Source material =>
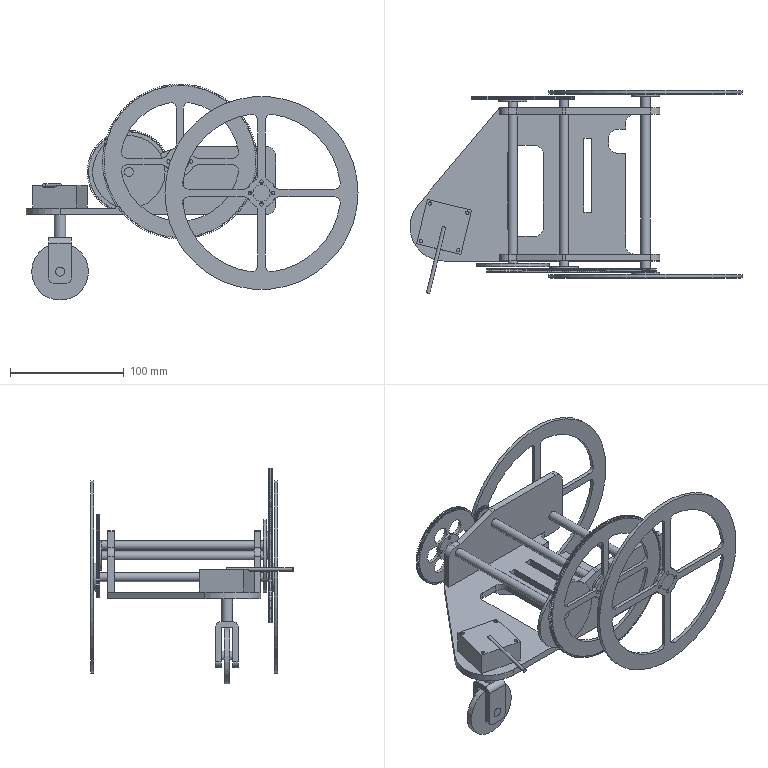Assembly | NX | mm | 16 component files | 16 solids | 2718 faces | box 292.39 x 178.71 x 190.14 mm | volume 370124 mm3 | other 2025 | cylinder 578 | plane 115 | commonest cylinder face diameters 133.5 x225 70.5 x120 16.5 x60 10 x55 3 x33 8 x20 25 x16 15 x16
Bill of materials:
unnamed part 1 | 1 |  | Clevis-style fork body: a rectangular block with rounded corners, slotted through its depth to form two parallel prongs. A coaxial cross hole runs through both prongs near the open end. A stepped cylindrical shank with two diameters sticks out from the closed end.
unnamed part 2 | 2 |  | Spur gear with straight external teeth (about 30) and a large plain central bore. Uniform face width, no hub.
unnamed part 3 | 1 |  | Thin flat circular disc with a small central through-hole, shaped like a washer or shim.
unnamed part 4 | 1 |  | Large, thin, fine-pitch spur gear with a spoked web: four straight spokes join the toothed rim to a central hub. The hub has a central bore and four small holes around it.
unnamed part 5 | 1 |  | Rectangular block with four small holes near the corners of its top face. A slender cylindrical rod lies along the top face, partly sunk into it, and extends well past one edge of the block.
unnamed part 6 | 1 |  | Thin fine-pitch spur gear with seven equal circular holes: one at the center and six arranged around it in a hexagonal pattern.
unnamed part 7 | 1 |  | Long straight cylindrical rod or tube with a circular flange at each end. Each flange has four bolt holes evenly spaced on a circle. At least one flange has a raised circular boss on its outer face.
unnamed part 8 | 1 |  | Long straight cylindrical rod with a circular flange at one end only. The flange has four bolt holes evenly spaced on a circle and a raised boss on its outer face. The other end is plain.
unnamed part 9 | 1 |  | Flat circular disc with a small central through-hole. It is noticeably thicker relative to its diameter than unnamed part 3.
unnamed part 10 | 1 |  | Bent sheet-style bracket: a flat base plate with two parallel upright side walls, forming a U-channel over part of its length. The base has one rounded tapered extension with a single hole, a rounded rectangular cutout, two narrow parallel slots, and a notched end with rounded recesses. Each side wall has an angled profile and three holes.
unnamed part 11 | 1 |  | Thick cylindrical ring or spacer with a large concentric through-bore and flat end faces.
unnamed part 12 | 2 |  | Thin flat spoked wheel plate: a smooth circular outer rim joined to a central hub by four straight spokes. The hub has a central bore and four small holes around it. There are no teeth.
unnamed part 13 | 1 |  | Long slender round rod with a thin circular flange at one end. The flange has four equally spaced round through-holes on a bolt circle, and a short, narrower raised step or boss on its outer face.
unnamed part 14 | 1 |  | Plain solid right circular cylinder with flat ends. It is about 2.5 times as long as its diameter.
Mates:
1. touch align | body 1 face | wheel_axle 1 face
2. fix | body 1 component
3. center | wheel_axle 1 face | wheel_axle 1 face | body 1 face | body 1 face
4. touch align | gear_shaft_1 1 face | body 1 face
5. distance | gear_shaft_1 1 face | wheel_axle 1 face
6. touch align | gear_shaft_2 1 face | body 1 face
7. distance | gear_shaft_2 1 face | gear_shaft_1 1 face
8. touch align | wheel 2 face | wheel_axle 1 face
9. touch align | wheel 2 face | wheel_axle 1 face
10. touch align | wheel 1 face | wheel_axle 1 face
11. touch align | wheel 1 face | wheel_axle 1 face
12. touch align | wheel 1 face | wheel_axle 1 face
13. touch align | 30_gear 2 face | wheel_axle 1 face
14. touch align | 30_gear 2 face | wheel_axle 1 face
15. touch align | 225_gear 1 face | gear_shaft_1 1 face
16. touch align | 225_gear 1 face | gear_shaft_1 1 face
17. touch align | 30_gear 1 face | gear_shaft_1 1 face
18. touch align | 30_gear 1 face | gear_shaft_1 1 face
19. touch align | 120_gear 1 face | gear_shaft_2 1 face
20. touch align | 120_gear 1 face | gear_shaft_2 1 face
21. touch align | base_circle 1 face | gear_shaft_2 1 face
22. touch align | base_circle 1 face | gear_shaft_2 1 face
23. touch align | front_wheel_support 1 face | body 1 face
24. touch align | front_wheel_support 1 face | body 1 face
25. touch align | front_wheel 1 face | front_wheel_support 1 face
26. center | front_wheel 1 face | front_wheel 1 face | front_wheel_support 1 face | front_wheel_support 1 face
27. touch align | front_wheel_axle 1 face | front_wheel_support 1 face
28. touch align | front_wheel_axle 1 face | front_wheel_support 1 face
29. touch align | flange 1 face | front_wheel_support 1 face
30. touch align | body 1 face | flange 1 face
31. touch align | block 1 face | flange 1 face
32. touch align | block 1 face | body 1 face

Goal of the exercise => Set down, word for word, only the lines running from the line with "9. touch align | wheel" to the last line of the listing above. Both of those lines belong in your answer.

Task response =>
9. touch align | wheel 2 face | wheel_axle 1 face
10. touch align | wheel 1 face | wheel_axle 1 face
11. touch align | wheel 1 face | wheel_axle 1 face
12. touch align | wheel 1 face | wheel_axle 1 face
13. touch align | 30_gear 2 face | wheel_axle 1 face
14. touch align | 30_gear 2 face | wheel_axle 1 face
15. touch align | 225_gear 1 face | gear_shaft_1 1 face
16. touch align | 225_gear 1 face | gear_shaft_1 1 face
17. touch align | 30_gear 1 face | gear_shaft_1 1 face
18. touch align | 30_gear 1 face | gear_shaft_1 1 face
19. touch align | 120_gear 1 face | gear_shaft_2 1 face
20. touch align | 120_gear 1 face | gear_shaft_2 1 face
21. touch align | base_circle 1 face | gear_shaft_2 1 face
22. touch align | base_circle 1 face | gear_shaft_2 1 face
23. touch align | front_wheel_support 1 face | body 1 face
24. touch align | front_wheel_support 1 face | body 1 face
25. touch align | front_wheel 1 face | front_wheel_support 1 face
26. center | front_wheel 1 face | front_wheel 1 face | front_wheel_support 1 face | front_wheel_support 1 face
27. touch align | front_wheel_axle 1 face | front_wheel_support 1 face
28. touch align | front_wheel_axle 1 face | front_wheel_support 1 face
29. touch align | flange 1 face | front_wheel_support 1 face
30. touch align | body 1 face | flange 1 face
31. touch align | block 1 face | flange 1 face
32. touch align | block 1 face | body 1 face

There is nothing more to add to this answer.